PROBLEM TO WORK ON: Say nothing but the number of lines below in which the string "STAIR" appears.

*** MATERIAL PROVIDED ***

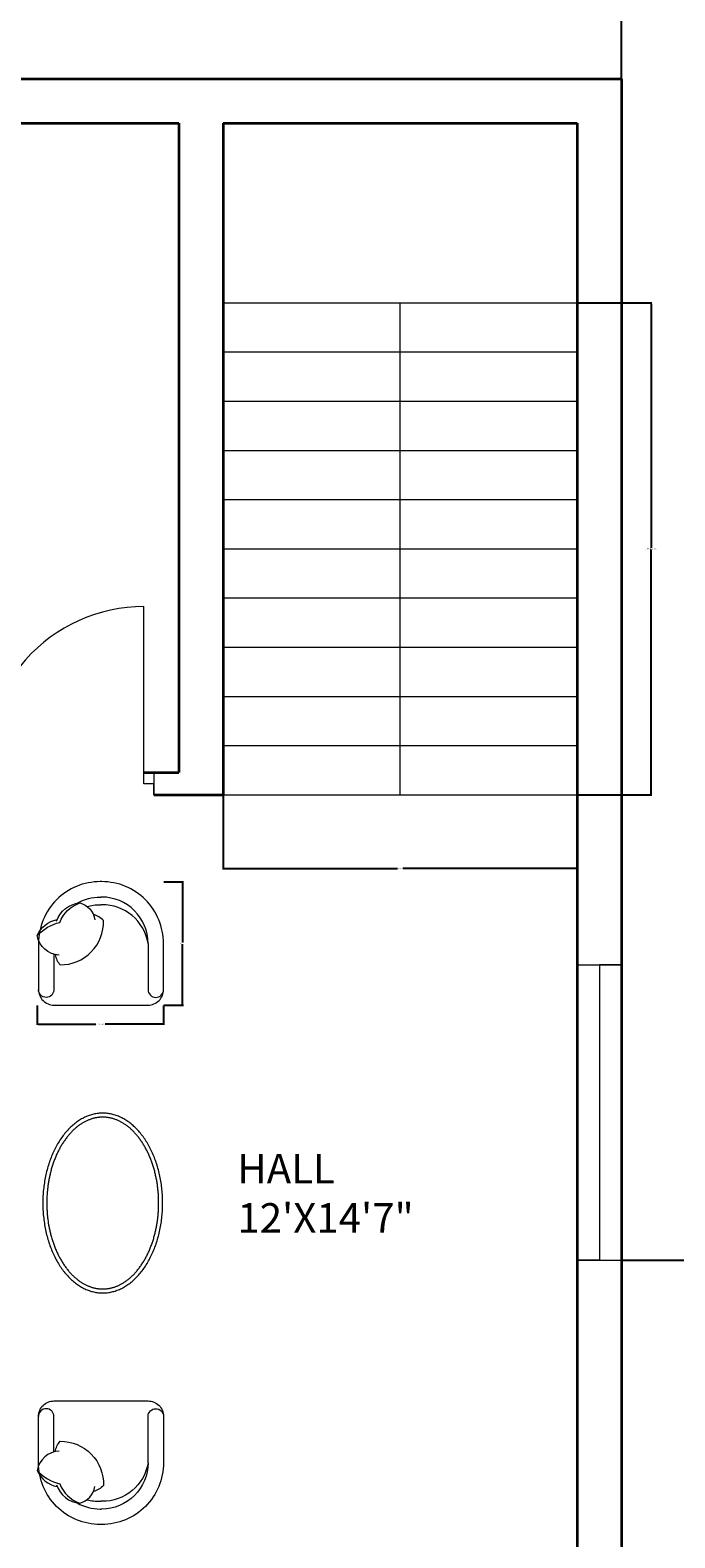
# Model space of a CAD drawing. Units: inches. Extents: x 2003 to 3241, y 1726 to 2849.
# Tile 3 of 7: x 2186 to 2317, y 2073 to 2380. Entities that reach past the tile are written whole.
import ezdxf

# ---------------------------------------------------------------- set-up
doc = ezdxf.new("R2010")
doc.units = ezdxf.units.IN
for name, color, linetype, lineweight in [('A-ANNO-DIMS', 2, 'Continuous', 18), ('A-AREA-IDEN', 7, 'Continuous', 18), ('A-DOOR', 3, 'Continuous', 18), ('A-FLOR-STRS', 7, 'Continuous', 18), ('A-FURN', 8, 'Continuous', 13), ('A-GLAZ', 4, 'Continuous', 18), ('A-WALL', 7, 'Continuous', 35)]:
    doc.layers.add(name, color=color, linetype=linetype, lineweight=lineweight)
doc.styles.get("Standard").update_dxf_attribs({"font": 'arial.ttf'})
doc.dimstyles.get("Standard").update_dxf_attribs({"dimtxt": 0.18, "dimasz": 0.18, "dimexe": 0.18, "dimexo": 0.0625, "dimgap": 0.09, "dimtad": 0, "dimtih": 1, "dimtoh": 1, "dimdec": 4, "dimzin": 0, "dimdsep": 46, "dimtxsty": 'Standard', "dimcen": 0.09, "dimadec": 0, "dimazin": 0, "dimtfac": 1, "dimtdec": 4, "dimtofl": 0, "dimtmove": 0, "dimatfit": 3, "dimfxl": 1, "dimtolj": 1, "dimtzin": 0, "dimarcsym": 0})

# ---------------------------------------------------------------- blocks, each defined once
blk = doc.blocks.new('WIN-60-HALL')
for p, q in [((0, 60), (9, 60)), ((9, 60), (4.5, 60)), ((4.5, 60), (4.5, 0)), ((4.5, 0), (0, 0)), ((0, 0), (9, 0)), ((9, 0), (9, 0))]:
    blk.add_line(p, q)
blk = doc.blocks.new('DOOR-BEDROOM')
for p, q in [((34.02, 2.25), (34.02, 38.25)), ((0, 4.5), (0, 0)), ((36.02, 4.5), (36.02, 0)), ((0, 0), (0, 2.25)), ((0, 2.25), (2, 2.25)), ((36.02, 2.25), (34.02, 2.25)), ((36.02, 0), (36.02, 2.25))]:
    blk.add_line(p, q)
blk.add_arc((34.02, 6.01), 32.24, 90, 186.689)
blk = doc.blocks.new('STAIR-GROUND-RUN')
for p, q in [((0, 100), (72, 100)), ((36, 97.06), (36, 100)), ((36, 0), (36, 97.06)), ((0, 90), (72, 90)), ((0, 80), (72, 80)), ((0, 70), (72, 70)), ((0, 60), (72, 60)), ((0, 50), (72, 50)), ((0, 40), (72, 40)), ((0, 30), (72, 30)), ((0, 20), (72, 20)), ((0, 10), (72, 10)), ((0, 0), (72, 0))]:
    blk.add_line(p, q)
blk = doc.blocks.new('CHAIR-LOUNGE')
at = {"ltscale": 0.03}
blk.add_lwpolyline([(12.96, 0), (22.53, 0, 0.414214), (25.67, 3.14), (25.67, 12.55, 0.414214), (13.12, 25.1), (12.96, 25.1), (12.81, 25.1, 0.414214), (0.26, 12.55), (0.26, 3.14, 0.414214), (3.39, 0), (12.96, 0)], format="xyb", dxfattribs=at)
for points in [[(8.13, 20.72, -0.130591), (12.81, 21.96), (12.96, 21.96)], [(22.53, 12.55, 0.414214), (13.12, 21.96), (12.96, 21.96)], [(0, 14.13, -0.14773), (4.58, 16.83, -0.213343), (8.63, 20.78, -0.178662)], [(3.7, 10.28, 0.165541), (4.67, 8.2, 0.425989), (13.48, 17.19, 0.121523), (11.39, 18.43, -7.115464)], [(3.95, 17.04, -0.306663), (8.63, 20.78, -0.30633), (11.69, 17.37, 0.872847)], [(10.13, 20.06, -0.072384), (12.81, 20.39), (12.96, 20.39)], [(22.53, 12.55, 0.372719), (13.12, 20.39), (12.96, 20.39)], [(4.49, 10.18, -0.356772), (0, 14.13, -0.249542), (4.07, 17.39, 9.61688)], [(22.53, 12.55), (22.53, 3.14, 0.414214), (24.1, 1.57), (24.1, 1.57, 0.414214), (25.67, 3.14)], [(3.39, 10.35), (3.39, 3.14, -0.414214), (1.83, 1.57), (1.83, 1.57, -0.414214), (0.26, 3.14)]]:
    blk.add_lwpolyline(points, format="xyb")
blk = doc.blocks.new('*D52')
at = {"layer": 'A-ANNO-DIMS', "color": 0, "lineweight": -2, "transparency": 16777216}
for p, q in [((2296.84, 2324.41), (2311.96, 2324.41)), ((2311.78, 2324.23), (2311.78, 2274.6)), ((2311.78, 2224.59), (2311.78, 2274.23)), ((2296.84, 2224.41), (2311.96, 2224.41))]:
    blk.add_line(p, q, dxfattribs=at)
at = {"layer": 'A-ANNO-DIMS', "color": 0, "transparency": 16777216}
for points in [[(2311.75, 2324.23), (2311.81, 2324.23), (2311.78, 2324.41)], [(2311.75, 2224.59), (2311.81, 2224.59), (2311.78, 2224.41)]]:
    blk.add_solid(points, dxfattribs=at)
at = {"layer": 'Defpoints', "color": 0, "transparency": 16777216}
for p in [(2296.78, 2324.41), (2311.78, 2324.41), (2296.78, 2224.41)]:
    blk.add_point(p, dxfattribs=at)
at = {"layer": 'A-ANNO-DIMS', "color": 0, "transparency": 16777216, "insert": (2311.78, 2274.41), "char_height": 0.18, "attachment_point": 5}
blk.add_mtext('\\A1;STAIR RUN 100 TYP.', dxfattribs=at)
blk = doc.blocks.new('*D53')
at = {"layer": 'A-ANNO-DIMS', "color": 0, "lineweight": -2, "transparency": 16777216}
for p, q in [((2224.78, 2224.35), (2224.78, 2209.23)), ((2296.78, 2224.35), (2296.78, 2209.23)), ((2224.96, 2209.41), (2260.25, 2209.41)), ((2296.6, 2209.41), (2261.31, 2209.41))]:
    blk.add_line(p, q, dxfattribs=at)
at = {"layer": 'A-ANNO-DIMS', "color": 0, "transparency": 16777216}
for points in [[(2224.96, 2209.44), (2224.96, 2209.38), (2224.78, 2209.41)], [(2296.6, 2209.44), (2296.6, 2209.38), (2296.78, 2209.41)]]:
    blk.add_solid(points, dxfattribs=at)
at = {"layer": 'Defpoints', "color": 0, "transparency": 16777216}
for p in [(2224.78, 2224.41), (2296.78, 2224.41), (2296.78, 2209.41)]:
    blk.add_point(p, dxfattribs=at)
at = {"layer": 'A-ANNO-DIMS', "color": 0, "transparency": 16777216, "insert": (2260.78, 2209.41), "char_height": 0.18, "attachment_point": 5}
blk.add_mtext('\\A1;72 TYP.', dxfattribs=at)
blk = doc.blocks.new('*D62')
at = {"layer": 'A-ANNO-DIMS', "color": 0, "lineweight": -2, "transparency": 16777216}
for p, q in [((2187.02, 2181.59), (2187.02, 2177.62)), ((2212.69, 2181.59), (2212.69, 2177.62)), ((2187.2, 2177.8), (2198.9, 2177.8)), ((2212.51, 2177.8), (2200.81, 2177.8))]:
    blk.add_line(p, q, dxfattribs=at)
at = {"layer": 'A-ANNO-DIMS', "color": 0, "transparency": 16777216}
for points in [[(2187.2, 2177.83), (2187.2, 2177.77), (2187.02, 2177.8)], [(2212.51, 2177.83), (2212.51, 2177.77), (2212.69, 2177.8)]]:
    blk.add_solid(points, dxfattribs=at)
at = {"layer": 'Defpoints', "color": 0, "transparency": 16777216}
for p in [(2187.02, 2181.65), (2212.69, 2181.65), (2212.69, 2177.8)]:
    blk.add_point(p, dxfattribs=at)
at = {"layer": 'A-ANNO-DIMS', "color": 0, "transparency": 16777216, "insert": (2199.85, 2177.8), "char_height": 0.18, "attachment_point": 5}
blk.add_mtext('\\A1;CHAIR 26 TYP.', dxfattribs=at)
blk = doc.blocks.new('*D63')
at = {"layer": 'A-ANNO-DIMS', "color": 0, "lineweight": -2, "transparency": 16777216}
for p, q in [((2212.75, 2206.75), (2216.72, 2206.75)), ((2216.54, 2206.57), (2216.54, 2194.38)), ((2216.54, 2181.83), (2216.54, 2194.02)), ((2212.75, 2181.65), (2216.72, 2181.65))]:
    blk.add_line(p, q, dxfattribs=at)
at = {"layer": 'A-ANNO-DIMS', "color": 0, "transparency": 16777216}
for points in [[(2216.51, 2206.57), (2216.57, 2206.57), (2216.54, 2206.75)], [(2216.51, 2181.83), (2216.57, 2181.83), (2216.54, 2181.65)]]:
    blk.add_solid(points, dxfattribs=at)
at = {"layer": 'Defpoints', "color": 0, "transparency": 16777216}
for p in [(2212.69, 2206.75), (2216.54, 2206.75), (2212.69, 2181.65)]:
    blk.add_point(p, dxfattribs=at)
at = {"layer": 'A-ANNO-DIMS', "color": 0, "transparency": 16777216, "insert": (2216.54, 2194.2), "char_height": 0.18, "attachment_point": 5}
blk.add_mtext('\\A1;25 TYP.', dxfattribs=at)
blk = doc.blocks.new('*D64')
at = {"layer": 'A-ANNO-DIMS', "color": 0, "lineweight": -2, "transparency": 16777216}
for p, q in [((2089.78, 2369.98), (2089.78, 2399.74)), ((2089.96, 2399.56), (2197.49, 2399.56)), ((2305.6, 2399.56), (2198.07, 2399.56)), ((2305.78, 2369.98), (2305.78, 2399.74))]:
    blk.add_line(p, q, dxfattribs=at)
at = {"layer": 'A-ANNO-DIMS', "color": 0, "transparency": 16777216}
for points in [[(2089.96, 2399.59), (2089.96, 2399.53), (2089.78, 2399.56)], [(2305.6, 2399.59), (2305.6, 2399.53), (2305.78, 2399.56)]]:
    blk.add_solid(points, dxfattribs=at)
at = {"layer": 'Defpoints', "color": 0, "transparency": 16777216}
for p in [(2305.78, 2399.56), (2089.78, 2369.91), (2305.78, 2369.91)]:
    blk.add_point(p, dxfattribs=at)
at = {"layer": 'A-ANNO-DIMS', "color": 0, "transparency": 16777216, "insert": (2197.78, 2399.56), "char_height": 0.18, "attachment_point": 5}
blk.add_mtext('\\A1;216', dxfattribs=at)
blk = doc.blocks.new('*D67')
at = {"layer": 'A-ANNO-DIMS', "color": 0, "lineweight": -2, "transparency": 16777216}
for p, q in [((2305.84, 2129.81), (2335.61, 2129.81)), ((2335.43, 2129.63), (2335.43, 2026.55)), ((2335.43, 1923.09), (2335.43, 2026.18)), ((2305.84, 1922.91), (2335.61, 1922.91))]:
    blk.add_line(p, q, dxfattribs=at)
at = {"layer": 'A-ANNO-DIMS', "color": 0, "transparency": 16777216}
for points in [[(2335.4, 2129.63), (2335.46, 2129.63), (2335.43, 2129.81)], [(2335.4, 1923.09), (2335.46, 1923.09), (2335.43, 1922.91)]]:
    blk.add_solid(points, dxfattribs=at)
at = {"layer": 'Defpoints', "color": 0, "transparency": 16777216}
for p in [(2305.78, 2129.81), (2335.43, 2129.81), (2305.78, 1922.91)]:
    blk.add_point(p, dxfattribs=at)
at = {"layer": 'A-ANNO-DIMS', "color": 0, "transparency": 16777216, "insert": (2335.43, 2026.36), "char_height": 0.18, "attachment_point": 5}
blk.add_mtext('\\A1;206.9', dxfattribs=at)

msp = doc.modelspace()

# ---------------------------------------------------------------- linework, layer by layer
at = {"layer": 'A-FURN', "ltscale": 0.03}
msp.add_polyline3d([(2200.3301, 2159.6931, 0), (2200.0996, 2159.6898, 0), (2199.8692, 2159.68, 0), (2199.639, 2159.6637, 0), (2199.409, 2159.6408, 0), (2199.1794, 2159.6114, 0), (2198.9501, 2159.5755, 0), (2198.7214, 2159.533, 0), (2198.4932, 2159.4841, 0), (2198.2657, 2159.4287, 0), (2198.0389, 2159.3669, 0), (2197.813, 2159.2987, 0), (2197.5879, 2159.224, 0), (2197.3638, 2159.143, 0), (2197.1408, 2159.0556, 0), (2196.919, 2158.9619, 0), (2196.6983, 2158.862, 0), (2196.479, 2158.7557, 0), (2196.261, 2158.6433, 0), (2196.0445, 2158.5247, 0), (2195.8296, 2158.4, 0), (2195.6162, 2158.2692, 0), (2195.4045, 2158.1324, 0), (2195.1946, 2157.9896, 0), (2194.9866, 2157.8409, 0), (2194.7804, 2157.6862, 0), (2194.5762, 2157.5258, 0), (2194.3741, 2157.3596, 0), (2194.1742, 2157.1876, 0), (2193.9764, 2157.0101, 0), (2193.7809, 2156.8269, 0), (2193.5878, 2156.6383, 0), (2193.397, 2156.4442, 0), (2193.2088, 2156.2447, 0), (2193.0231, 2156.0399, 0), (2192.84, 2155.8298, 0), (2192.6596, 2155.6146, 0), (2192.482, 2155.3944, 0), (2192.3071, 2155.1691, 0), (2192.1352, 2154.9389, 0), (2191.9661, 2154.7038, 0), (2191.8001, 2154.464, 0), (2191.6371, 2154.2196, 0), (2191.4773, 2153.9705, 0), (2191.3206, 2153.717, 0), (2191.1671, 2153.459, 0), (2191.0169, 2153.1968, 0), (2190.87, 2152.9303, 0), (2190.7266, 2152.6597, 0), (2190.5866, 2152.3851, 0), (2190.45, 2152.1065, 0), (2190.317, 2151.8242, 0), (2190.1876, 2151.5381, 0), (2190.0618, 2151.2483, 0), (2189.9397, 2150.9551, 0), (2189.8214, 2150.6585, 0), (2189.7068, 2150.3585, 0), (2189.5959, 2150.0553, 0), (2189.489, 2149.7491, 0), (2189.3859, 2149.4399, 0), (2189.2867, 2149.1278, 0), (2189.1915, 2148.8129, 0), (2189.1003, 2148.4954, 0), (2189.0131, 2148.1754, 0), (2188.93, 2147.8529, 0), (2188.8509, 2147.5282, 0), (2188.776, 2147.2012, 0), (2188.7052, 2146.8722, 0), (2188.6385, 2146.5412, 0), (2188.5761, 2146.2084, 0), (2188.5178, 2145.8739, 0), (2188.4638, 2145.5378, 0), (2188.414, 2145.2002, 0), (2188.3685, 2144.8613, 0), (2188.3273, 2144.5212, 0), (2188.2904, 2144.1799, 0), (2188.2578, 2143.8376, 0), (2188.2295, 2143.4945, 0), (2188.2055, 2143.1507, 0), (2188.1859, 2142.8062, 0), (2188.1707, 2142.4612, 0), (2188.1598, 2142.1159, 0), (2188.1532, 2141.7703, 0), (2188.1511, 2141.4246, 0), (2188.1532, 2141.0788, 0), (2188.1598, 2140.7332, 0), (2188.1707, 2140.3879, 0), (2188.1859, 2140.0429, 0), (2188.2055, 2139.6984, 0), (2188.2295, 2139.3546, 0), (2188.2578, 2139.0115, 0), (2188.2904, 2138.6692, 0), (2188.3273, 2138.3279, 0), (2188.3685, 2137.9878, 0), (2188.414, 2137.6489, 0), (2188.4638, 2137.3113, 0), (2188.5178, 2136.9752, 0), (2188.5761, 2136.6407, 0), (2188.6385, 2136.3079, 0), (2188.7052, 2135.9769, 0), (2188.776, 2135.6479, 0), (2188.8509, 2135.3209, 0), (2188.93, 2134.9962, 0), (2189.0131, 2134.6737, 0), (2189.1003, 2134.3537, 0), (2189.1915, 2134.0362, 0), (2189.2867, 2133.7213, 0), (2189.3859, 2133.4092, 0), (2189.489, 2133.1, 0), (2189.5959, 2132.7938, 0), (2189.7068, 2132.4906, 0), (2189.8214, 2132.1906, 0), (2189.9397, 2131.894, 0), (2190.0618, 2131.6008, 0), (2190.1876, 2131.311, 0), (2190.317, 2131.025, 0), (2190.45, 2130.7426, 0), (2190.5866, 2130.464, 0), (2190.7266, 2130.1894, 0), (2190.87, 2129.9188, 0), (2191.0169, 2129.6523, 0), (2191.1671, 2129.3901, 0), (2191.3206, 2129.1321, 0), (2191.4773, 2128.8786, 0), (2191.6371, 2128.6295, 0), (2191.8001, 2128.3851, 0), (2191.9661, 2128.1453, 0), (2192.1352, 2127.9102, 0), (2192.3071, 2127.68, 0), (2192.482, 2127.4547, 0), (2192.6596, 2127.2345, 0), (2192.84, 2127.0193, 0), (2193.0231, 2126.8092, 0), (2193.2088, 2126.6044, 0), (2193.397, 2126.4049, 0), (2193.5878, 2126.2108, 0), (2193.7809, 2126.0222, 0), (2193.9764, 2125.839, 0), (2194.1742, 2125.6615, 0), (2194.3741, 2125.4895, 0), (2194.5762, 2125.3233, 0), (2194.7804, 2125.1629, 0), (2194.9866, 2125.0082, 0), (2195.1946, 2124.8595, 0), (2195.4045, 2124.7167, 0), (2195.6162, 2124.5799, 0), (2195.8296, 2124.4491, 0), (2196.0445, 2124.3244, 0), (2196.261, 2124.2058, 0), (2196.479, 2124.0934, 0), (2196.6983, 2123.9871, 0), (2196.919, 2123.8872, 0), (2197.1408, 2123.7935, 0), (2197.3638, 2123.7061, 0), (2197.5879, 2123.6251, 0), (2197.813, 2123.5504, 0), (2198.0389, 2123.4822, 0), (2198.2657, 2123.4204, 0), (2198.4932, 2123.365, 0), (2198.7214, 2123.3161, 0), (2198.9501, 2123.2736, 0), (2199.1794, 2123.2377, 0), (2199.409, 2123.2083, 0), (2199.639, 2123.1854, 0), (2199.8692, 2123.1691, 0), (2200.0996, 2123.1593, 0), (2200.3301, 2123.156, 0), (2200.5606, 2123.1593, 0), (2200.791, 2123.1691, 0), (2201.0212, 2123.1854, 0), (2201.2512, 2123.2083, 0), (2201.4808, 2123.2377, 0), (2201.7101, 2123.2736, 0), (2201.9388, 2123.3161, 0), (2202.167, 2123.365, 0), (2202.3945, 2123.4204, 0), (2202.6213, 2123.4822, 0), (2202.8472, 2123.5504, 0), (2203.0723, 2123.6251, 0), (2203.2964, 2123.7061, 0), (2203.5194, 2123.7935, 0), (2203.7412, 2123.8872, 0), (2203.9619, 2123.9871, 0), (2204.1812, 2124.0934, 0), (2204.3992, 2124.2058, 0), (2204.6157, 2124.3244, 0), (2204.8306, 2124.4491, 0), (2205.044, 2124.5799, 0), (2205.2557, 2124.7167, 0), (2205.4656, 2124.8595, 0), (2205.6736, 2125.0082, 0), (2205.8798, 2125.1629, 0), (2206.084, 2125.3233, 0), (2206.2861, 2125.4895, 0), (2206.486, 2125.6615, 0), (2206.6838, 2125.839, 0), (2206.8793, 2126.0222, 0), (2207.0724, 2126.2108, 0), (2207.2632, 2126.4049, 0), (2207.4514, 2126.6044, 0), (2207.6371, 2126.8092, 0), (2207.8202, 2127.0193, 0), (2208.0006, 2127.2345, 0), (2208.1782, 2127.4547, 0), (2208.3531, 2127.68, 0), (2208.525, 2127.9102, 0), (2208.6941, 2128.1453, 0), (2208.8601, 2128.3851, 0), (2209.0231, 2128.6295, 0), (2209.183, 2128.8786, 0), (2209.3396, 2129.1321, 0), (2209.4931, 2129.3901, 0), (2209.6433, 2129.6523, 0), (2209.7902, 2129.9188, 0), (2209.9336, 2130.1894, 0), (2210.0736, 2130.464, 0), (2210.2102, 2130.7426, 0), (2210.3432, 2131.025, 0), (2210.4726, 2131.311, 0), (2210.5984, 2131.6008, 0), (2210.7205, 2131.894, 0), (2210.8388, 2132.1906, 0), (2210.9534, 2132.4906, 0), (2211.0643, 2132.7938, 0), (2211.1712, 2133.1, 0), (2211.2743, 2133.4092, 0), (2211.3735, 2133.7213, 0), (2211.4687, 2134.0362, 0), (2211.5599, 2134.3537, 0), (2211.6471, 2134.6737, 0), (2211.7302, 2134.9962, 0), (2211.8093, 2135.3209, 0), (2211.8842, 2135.6479, 0), (2211.955, 2135.9769, 0), (2212.0217, 2136.3079, 0), (2212.0841, 2136.6407, 0), (2212.1424, 2136.9752, 0), (2212.1964, 2137.3113, 0), (2212.2462, 2137.6489, 0), (2212.2917, 2137.9878, 0), (2212.3329, 2138.3279, 0), (2212.3698, 2138.6692, 0), (2212.4024, 2139.0115, 0), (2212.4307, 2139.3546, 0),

***

REPLY TO THE TASK: 2